Count the lines in the data below holding the string "import" and write the total by itself.

........

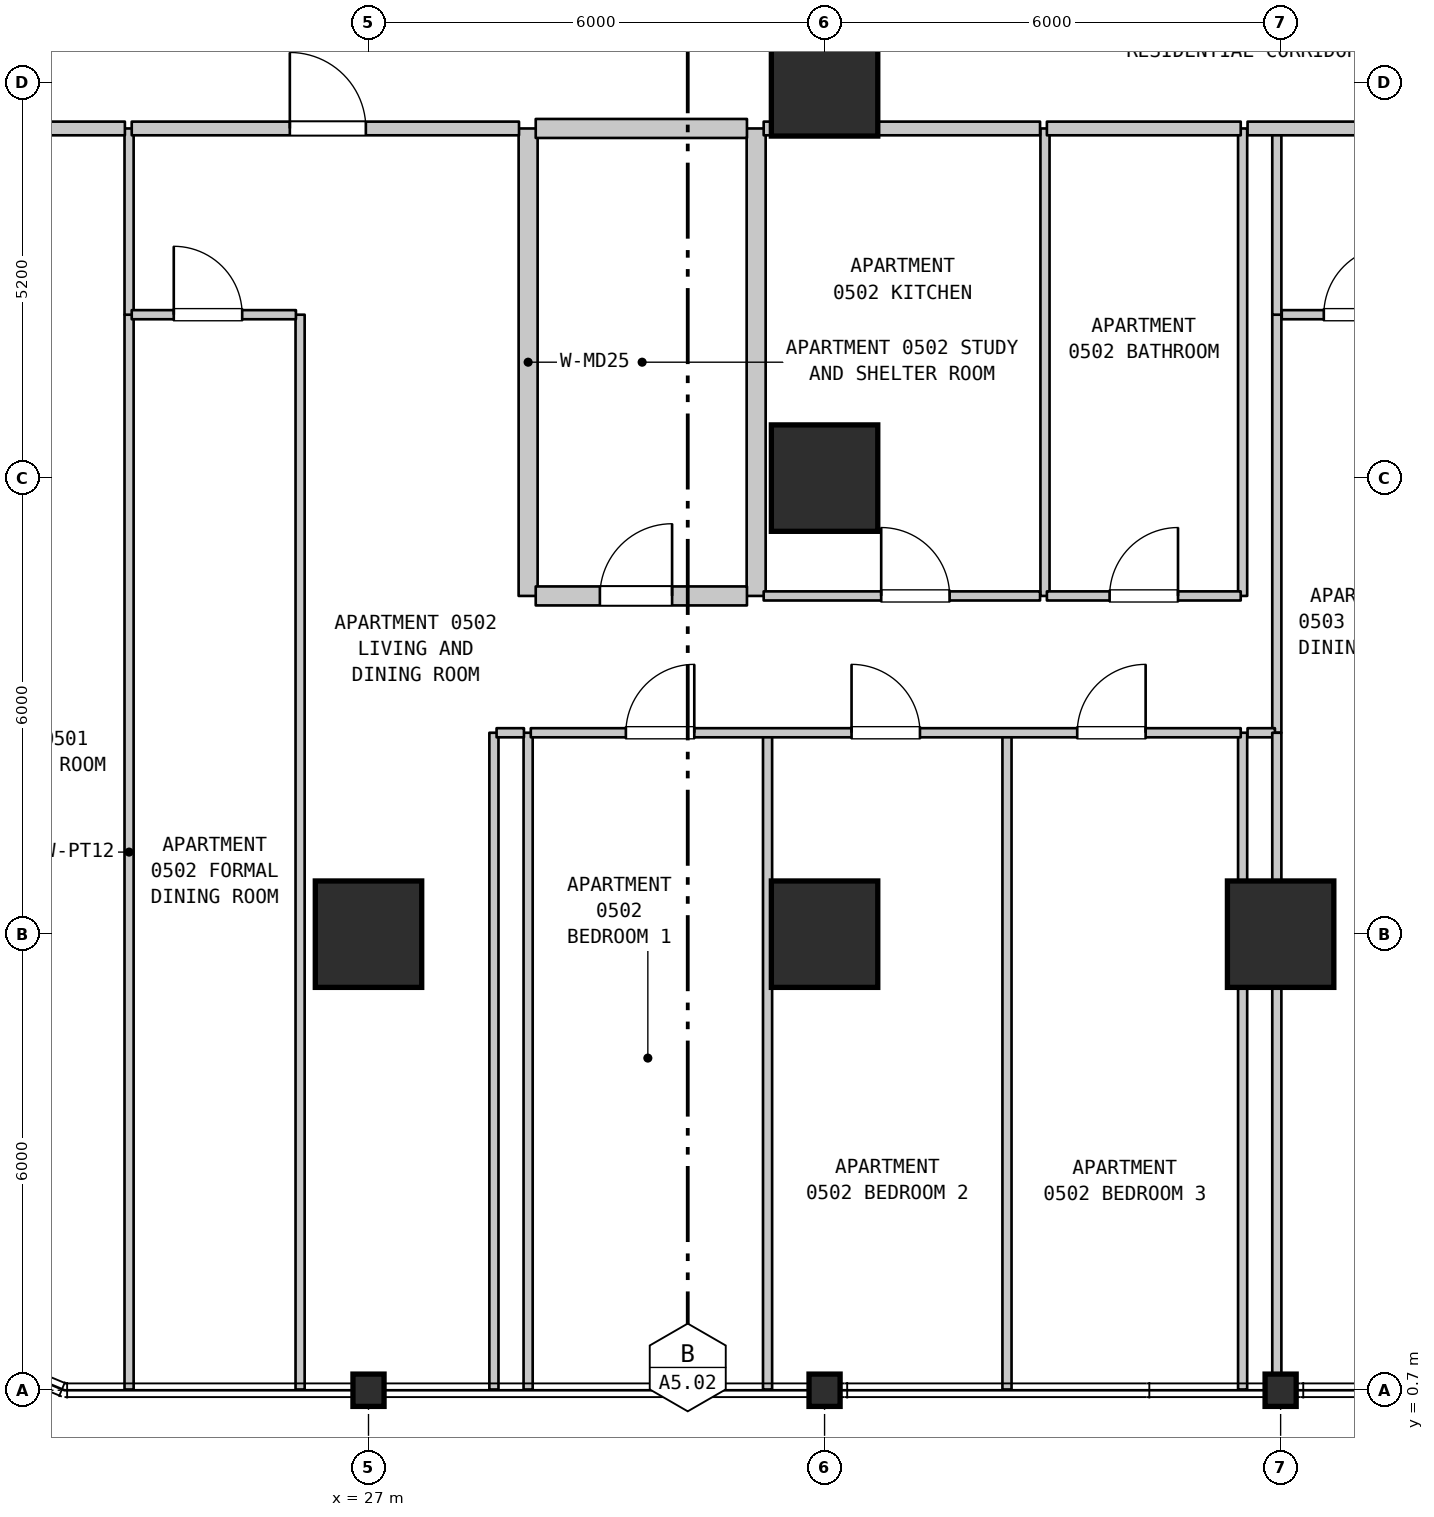
"""IFC4 building model, lengths in metres.
Left out: names, types, materials, properties, quantities, classifications, styles, units other than length and angle.
Written with IfcOpenShell. Run it as: python <this file> out.ifc"""

import sys

from ifc_helpers import new_model, si_unit, direction, frame, frame_2d, origin, origin_2d, place, context, subcontext, project, spatial, rectangle, i_section, extrude, element, fill, save


model = new_model("IFC4")
c1 = context("Model", 3, precision=1e-05, world=origin(), true_north=direction((0.0, 1.0)))
c2 = subcontext(c1, "Body", "Model", "MODEL_VIEW")
j1 = project(units=[si_unit("LENGTHUNIT", "METRE"), si_unit("PLANEANGLEUNIT", "RADIAN")], contexts=[c1])
p1 = place(None, origin())
s1 = spatial("IfcSite", under=j1, at=p1, CompositionType="ELEMENT")
p2 = place(p1, origin())
s2 = spatial("IfcBuilding", under=s1, at=p2, CompositionType="ELEMENT")
p3 = place(p2, frame((0.0, 0.0, 27.7)))
s3 = spatial("IfcBuildingStorey", under=s2, at=p3, CompositionType="ELEMENT", Elevation=27.7)
p4 = place(p3, frame((27.0, 0.7, 0.0), z_axis=(0.0, 0.0, 1.0), x_axis=(1.0, 0.0, 0.0)))
e1 = element("IfcColumn", 1, at=p4, inside=s3, PredefinedType="COLUMN", context=c2, shape_type="SweptSolid", body=[
    extrude(i_section(OverallWidth=0.409, OverallDepth=0.425, WebThickness=0.032, FlangeThickness=0.052, FilletRadius=0.015, at=origin_2d()), origin(), (0.0, 0.0, 1.0), 3.7),
])
p5 = place(p3, frame((27.0, 6.7, 0.0), z_axis=(0.0, 0.0, 1.0), x_axis=(1.0, 0.0, 0.0)))
e2 = element("IfcColumn", 2, at=p5, inside=s3, PredefinedType="COLUMN", context=c2, shape_type="SweptSolid", body=[
    extrude(rectangle(XDim=1.4, YDim=1.4, at=origin_2d()), origin(), (0.0, 0.0, 1.0), 3.7),
])
p6 = place(p3, frame((33.0, 0.7, 0.0), z_axis=(0.0, 0.0, 1.0), x_axis=(1.0, 0.0, 0.0)))
e3 = element("IfcColumn", 3, at=p6, inside=s3, PredefinedType="COLUMN", context=c2, shape_type="SweptSolid", body=[
    extrude(i_section(OverallWidth=0.409, OverallDepth=0.425, WebThickness=0.032, FlangeThickness=0.052, FilletRadius=0.015, at=origin_2d()), origin(), (0.0, 0.0, 1.0), 3.7),
])
for number, where, z_axis, x_axis in (
    (4, (33.0, 6.7, 0.0), (0.0, 0.0, 1.0), (1.0, 0.0, 0.0)),
    (5, (33.0, 12.7, 0.0), (0.0, 0.0, 1.0), (1.0, 0.0, 0.0)),
    (6, (33.0, 17.9, 0.0), (0.0, 0.0, 1.0), (1.0, 0.0, 0.0)),
):
    element("IfcColumn", number, at=place(p3, frame(where, z_axis=z_axis, x_axis=x_axis)), inside=s3, PredefinedType="COLUMN", context=c2, shape_type="SweptSolid", body=[
        extrude(rectangle(XDim=1.4, YDim=1.4, at=origin_2d()), origin(), (0.0, 0.0, 1.0), 3.7),
    ])
p7 = place(p3, frame((39.0, 0.7, 0.0), z_axis=(0.0, 0.0, 1.0), x_axis=(1.0, 0.0, 0.0)))
e7 = element("IfcColumn", 7, at=p7, inside=s3, PredefinedType="COLUMN", context=c2, shape_type="SweptSolid", body=[
    extrude(i_section(OverallWidth=0.409, OverallDepth=0.425, WebThickness=0.032, FlangeThickness=0.052, FilletRadius=0.015, at=origin_2d()), origin(), (0.0, 0.0, 1.0), 3.7),
])
p8 = place(p3, frame((39.0, 6.7, 0.0), z_axis=(0.0, 0.0, 1.0), x_axis=(1.0, 0.0, 0.0)))
e8 = element("IfcColumn", 8, at=p8, inside=s3, PredefinedType="COLUMN", context=c2, shape_type="SweptSolid", body=[
    extrude(rectangle(XDim=1.4, YDim=1.4, at=origin_2d()), origin(), (0.0, 0.0, 1.0), 3.7),
])
p9 = place(p3, frame((23.85, 0.71, 0.0), z_axis=(0.0, 0.0, 1.0), x_axis=(0.0, 1.0, 0.0)))
e9 = element("IfcWall", 9, at=p9, inside=s3, PredefinedType="PARTITIONING", context=c2, shape_type="SweptSolid", body=[
    extrude(rectangle(XDim=14.14, YDim=0.12, at=frame_2d((7.07, 0.0))), origin(), (0.0, 0.0, 1.0), 3.385),
])
p10 = place(p3, frame((23.85, 14.85, 0.0), z_axis=(0.0, 0.0, 1.0), x_axis=(0.0, 1.0, 0.0)))
e10 = element("IfcWall", 10, at=p10, inside=s3, PredefinedType="PARTITIONING", context=c2, shape_type="SweptSolid", body=[
    extrude(rectangle(XDim=2.45, YDim=0.12, at=frame_2d((1.225, 0.0))), origin(), (0.0, 0.0, 1.0), 3.385),
])
p11 = place(p3, frame((26.1, 0.71, 0.0), z_axis=(0.0, 0.0, 1.0), x_axis=(0.0, 1.0, 0.0)))
e11 = element("IfcWall", 11, at=p11, inside=s3, PredefinedType="PARTITIONING", context=c2, shape_type="SweptSolid", body=[
    extrude(rectangle(XDim=14.14, YDim=0.12, at=frame_2d((7.07, 0.0))), origin(), (0.0, 0.0, 1.0), 3.385),
])
for number, where, z_axis, x_axis in (
    (12, (28.65, 0.71, 0.0), (0.0, 0.0, 1.0), (0.0, 1.0, 0.0)),
    (13, (29.1, 0.71, 0.0), (0.0, 0.0, 1.0), (0.0, 1.0, 0.0)),
):
    element("IfcWall", number, at=place(p3, frame(where, z_axis=z_axis, x_axis=x_axis)), inside=s3, PredefinedType="PARTITIONING", context=c2, shape_type="SweptSolid", body=[
        extrude(rectangle(XDim=8.64, YDim=0.12, at=frame_2d((4.32, 0.0))), origin(), (0.0, 0.0, 1.0), 3.385),
    ])
for number, where, z_axis, x_axis in (
    (14, (29.1, 11.15, 0.0), (0.0, 0.0, 1.0), (0.0, 1.0, 0.0)),
    (15, (32.1, 11.15, 0.0), (0.0, 0.0, 1.0), (0.0, 1.0, 0.0)),
):
    element("IfcWall", number, at=place(p3, frame(where, z_axis=z_axis, x_axis=x_axis)), inside=s3, PredefinedType="STANDARD", context=c2, shape_type="SweptSolid", body=[
        extrude(rectangle(XDim=6.15, YDim=0.25, at=frame_2d((3.075, 0.0))), origin(), (0.0, 0.0, 1.0), 3.385),
    ])
for number, where, z_axis, x_axis in (
    (16, (32.25, 0.71, 0.0), (0.0, 0.0, 1.0), (0.0, 1.0, 0.0)),
    (17, (35.4, 0.71, 0.0), (0.0, 0.0, 1.0), (0.0, 1.0, 0.0)),
):
    element("IfcWall", number, at=place(p3, frame(where, z_axis=z_axis, x_axis=x_axis)), inside=s3, PredefinedType="PARTITIONING", context=c2, shape_type="SweptSolid", body=[
        extrude(rectangle(XDim=8.64, YDim=0.12, at=frame_2d((4.32, 0.0))), origin(), (0.0, 0.0, 1.0), 3.385),
    ])
p12 = place(p3, frame((35.9, 11.15, 0.0), z_axis=(0.0, 0.0, 1.0), x_axis=(0.0, 1.0, 0.0)))
e18 = element("IfcWall", 18, at=p12, inside=s3, PredefinedType="PARTITIONING", context=c2, shape_type="SweptSolid", body=[
    extrude(rectangle(XDim=6.15, YDim=0.12, at=frame_2d((3.075, 0.0))), origin(), (0.0, 0.0, 1.0), 3.385),
])
p13 = place(p3, frame((38.5, 0.71, 0.0), z_axis=(0.0, 0.0, 1.0), x_axis=(0.0, 1.0, 0.0)))
e19 = element("IfcWall", 19, at=p13, inside=s3, PredefinedType="PARTITIONING", context=c2, shape_type="SweptSolid", body=[
    extrude(rectangle(XDim=8.64, YDim=0.12, at=frame_2d((4.32, 0.0))), origin(), (0.0, 0.0, 1.0), 3.385),
])
p14 = place(p3, frame((38.5, 11.15, 0.0), z_axis=(0.0, 0.0, 1.0), x_axis=(0.0, 1.0, 0.0)))
e20 = element("IfcWall", 20, at=p14, inside=s3, PredefinedType="PARTITIONING", context=c2, shape_type="SweptSolid", body=[
    extrude(rectangle(XDim=6.15, YDim=0.12, at=frame_2d((3.075, 0.0))), origin(), (0.0, 0.0, 1.0), 3.385),
])
p15 = place(p3, frame((38.95, 0.71, 0.0), z_axis=(0.0, 0.0, 1.0), x_axis=(0.0, 1.0, 0.0)))
e21 = element("IfcWall", 21, at=p15, inside=s3, PredefinedType="PARTITIONING", context=c2, shape_type="SweptSolid", body=[
    extrude(rectangle(XDim=5.99, YDim=0.12, at=frame_2d((2.995, 0.0))), origin(), (0.0, 0.0, 1.0), 2.885),
])
p16 = place(p3, frame((38.95, 9.35, 0.0), z_axis=(0.0, 0.0, 1.0), x_axis=(0.0, 1.0, 0.0)))
e22 = element("IfcWall", 22, at=p16, inside=s3, PredefinedType="PARTITIONING", context=c2, shape_type="SweptSolid", body=[
    extrude(rectangle(XDim=5.5, YDim=0.12, at=frame_2d((2.75, 0.0))), origin(), (0.0, 0.0, 1.0), 3.385),
])
p17 = place(p3, frame((38.95, 14.85, 0.0), z_axis=(0.0, 0.0, 1.0), x_axis=(0.0, 1.0, 0.0)))
e23 = element("IfcWall", 23, at=p17, inside=s3, PredefinedType="PARTITIONING", context=c2, shape_type="SweptSolid", body=[
    extrude(rectangle(XDim=2.45, YDim=0.12, at=frame_2d((1.225, 0.0))), origin(), (0.0, 0.0, 1.0), 3.385),
])
p18 = place(p3, frame((28.685, 9.35, 0.0), z_axis=(0.0, 0.0, 1.0), x_axis=(1.0, 0.0, 0.0)))
e24 = element("IfcWall", 24, at=p18, inside=s3, PredefinedType="PARTITIONING", context=c2, shape_type="SweptSolid", body=[
    extrude(rectangle(XDim=0.36, YDim=0.12, at=frame_2d((0.18, 0.0))), origin(), (0.0, 0.0, 1.0), 3.385),
])
p19 = place(p3, frame((29.135, 9.35, 0.0), z_axis=(0.0, 0.0, 1.0), x_axis=(1.0, 0.0, 0.0)))
e25 = element("IfcWall", 25, at=p19, inside=s3, PredefinedType="PARTITIONING", context=c2, shape_type="SweptSolid", body=[
    extrude(rectangle(XDim=9.34, YDim=0.12, at=frame_2d((4.67, 0.0))), origin(), (0.0, 0.0, 1.0), 3.385),
])
p20 = place(p19, frame((1.251, 0.0, 0.0)))
e26 = element("IfcOpeningElement", 26, at=p20, cuts=e25, PredefinedType="OPENING", context=c2, shape_type="SweptSolid", body=[
    extrude(rectangle(XDim=0.9, YDim=2.15, at=frame_2d((0.45, 1.075))), frame((0.0, 0.07, 0.0), z_axis=(0.0, -1.0, 0.0), x_axis=(1.0, 0.0, 0.0)), (0.0, 0.0, 1.0), 0.14),
])
p21 = place(p19, frame((4.22, 0.0, 0.0)))
e27 = element("IfcOpeningElement", 27, at=p21, cuts=e25, PredefinedType="OPENING", context=c2, shape_type="SweptSolid", body=[
    extrude(rectangle(XDim=0.9, YDim=2.15, at=frame_2d((0.45, 1.075))), frame((0.0, 0.07, 0.0), z_axis=(0.0, -1.0, 0.0), x_axis=(1.0, 0.0, 0.0)), (0.0, 0.0, 1.0), 0.14),
])
p22 = place(p19, frame((7.189, 0.0, 0.0)))
e28 = element("IfcOpeningElement", 28, at=p22, cuts=e25, PredefinedType="OPENING", context=c2, shape_type="SweptSolid", body=[
    extrude(rectangle(XDim=0.9, YDim=2.15, at=frame_2d((0.45, 1.075))), frame((0.0, 0.07, 0.0), z_axis=(0.0, -1.0, 0.0), x_axis=(1.0, 0.0, 0.0)), (0.0, 0.0, 1.0), 0.14),
])
p23 = place(p3, frame((38.565, 9.35, 0.0), z_axis=(0.0, 0.0, 1.0), x_axis=(1.0, 0.0, 0.0)))
e29 = element("IfcWall", 29, at=p23, inside=s3, PredefinedType="PARTITIONING", context=c2, shape_type="SweptSolid", body=[
    extrude(rectangle(XDim=0.36, YDim=0.12, at=frame_2d((0.18, 0.0))), origin(), (0.0, 0.0, 1.0), 3.385),
])
p24 = place(p3, frame((29.2, 11.15, 0.0), z_axis=(0.0, 0.0, 1.0), x_axis=(1.0, 0.0, 0.0)))
e30 = element("IfcWall", 30, at=p24, inside=s3, PredefinedType="STANDARD", context=c2, shape_type="SweptSolid", body=[
    extrude(rectangle(XDim=2.779, YDim=0.25, at=frame_2d((1.39, 0.0))), origin(), (0.0, 0.0, 1.0), 3.385),
])
p25 = place(p24, frame((0.844, 0.0, 0.0)))
e31 = element("IfcOpeningElement", 31, at=p25, cuts=e30, PredefinedType="OPENING", context=c2, shape_type="SweptSolid", body=[
    extrude(rectangle(XDim=0.95, YDim=2.15, at=frame_2d((0.475, 1.075))), frame((0.0, 0.135, 0.0), z_axis=(0.0, -1.0, 0.0), x_axis=(1.0, 0.0, 0.0)), (0.0, 0.0, 1.0), 0.27),
])
p26 = place(p3, frame((32.199, 11.15, 0.0), z_axis=(0.0, 0.0, 1.0), x_axis=(1.0, 0.0, 0.0)))
e32 = element("IfcWall", 32, at=p26, inside=s3, PredefinedType="PARTITIONING", context=c2, shape_type="SweptSolid", body=[
    extrude(rectangle(XDim=3.636, YDim=0.12, at=frame_2d((1.818, 0.0))), origin(), (0.0, 0.0, 1.0), 3.385),
])
p27 = place(p26, frame((1.546, 0.0, 0.0)))
e33 = element("IfcOpeningElement", 33, at=p27, cuts=e32, PredefinedType="OPENING", context=c2, shape_type="SweptSolid", body=[
    extrude(rectangle(XDim=0.9, YDim=2.15, at=frame_2d((0.45, 1.075))), frame((0.0, 0.07, 0.0), z_axis=(0.0, -1.0, 0.0), x_axis=(1.0, 0.0, 0.0)), (0.0, 0.0, 1.0), 0.14),
])
p28 = place(p3, frame((35.925, 11.15, 0.0), z_axis=(0.0, 0.0, 1.0), x_axis=(1.0, 0.0, 0.0)))
e34 = element("IfcWall", 34, at=p28, inside=s3, PredefinedType="PARTITIONING", context=c2, shape_type="SweptSolid", body=[
    extrude(rectangle(XDim=2.55, YDim=0.12, at=frame_2d((1.275, 0.0))), origin(), (0.0, 0.0, 1.0), 3.385),
])
p29 = place(p28, frame((0.825, 0.0, 0.0)))
e35 = element("IfcOpeningElement", 35, at=p29, cuts=e34, PredefinedType="OPENING", context=c2, shape_type="SweptSolid", body=[
    extrude(rectangle(XDim=0.9, YDim=2.1, at=frame_2d((0.45, 1.05))), frame((0.0, 0.07, 0.0), z_axis=(0.0, -1.0, 0.0), x_axis=(1.0, 0.0, 0.0)), (0.0, 0.0, 1.0), 0.14),
])
p30 = place(p3, frame((23.885, 14.85, 0.0), z_axis=(0.0, 0.0, 1.0), x_axis=(1.0, 0.0, 0.0)))
e36 = element("IfcWall", 36, at=p30, inside=s3, PredefinedType="PARTITIONING", context=c2, shape_type="SweptSolid", body=[
    extrude(rectangle(XDim=2.16, YDim=0.12, at=frame_2d((1.08, 0.0))), origin(), (0.0, 0.0, 1.0), 3.385),
])
p31 = place(p30, frame((0.553, 0.0, 0.0)))
e37 = element("IfcOpeningElement", 37, at=p31, cuts=e36, PredefinedType="OPENING", context=c2, shape_type="SweptSolid", body=[
    extrude(rectangle(XDim=0.9, YDim=2.15, at=frame_2d((0.45, 1.075))), frame((0.0, 0.07, 0.0), z_axis=(0.0, -1.0, 0.0), x_axis=(1.0, 0.0, 0.0)), (0.0, 0.0, 1.0), 0.14),
])
p32 = place(p3, frame((39.015, 14.85, 0.0), z_axis=(0.0, 0.0, 1.0), x_axis=(1.0, 0.0, 0.0)))
e38 = element("IfcWall", 38, at=p32, inside=s3, PredefinedType="PARTITIONING", context=c2, shape_type="SweptSolid", body=[
    extrude(rectangle(XDim=2.16, YDim=0.12, at=frame_2d((1.08, 0.0))), origin(), (0.0, 0.0, 1.0), 3.385),
])
p33 = place(p32, frame((0.553, 0.0, 0.0)))
e39 = element("IfcOpeningElement", 39, at=p33, cuts=e38, PredefinedType="OPENING", context=c2, shape_type="SweptSolid", body=[
    extrude(rectangle(XDim=0.9, YDim=2.15, at=frame_2d((0.45, 1.075))), frame((0.0, 0.07, 0.0), z_axis=(0.0, -1.0, 0.0), x_axis=(1.0, 0.0, 0.0)), (0.0, 0.0, 1.0), 0.14),
])
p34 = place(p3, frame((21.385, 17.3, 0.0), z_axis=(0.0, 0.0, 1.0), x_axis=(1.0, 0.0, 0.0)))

........

# Task answer
2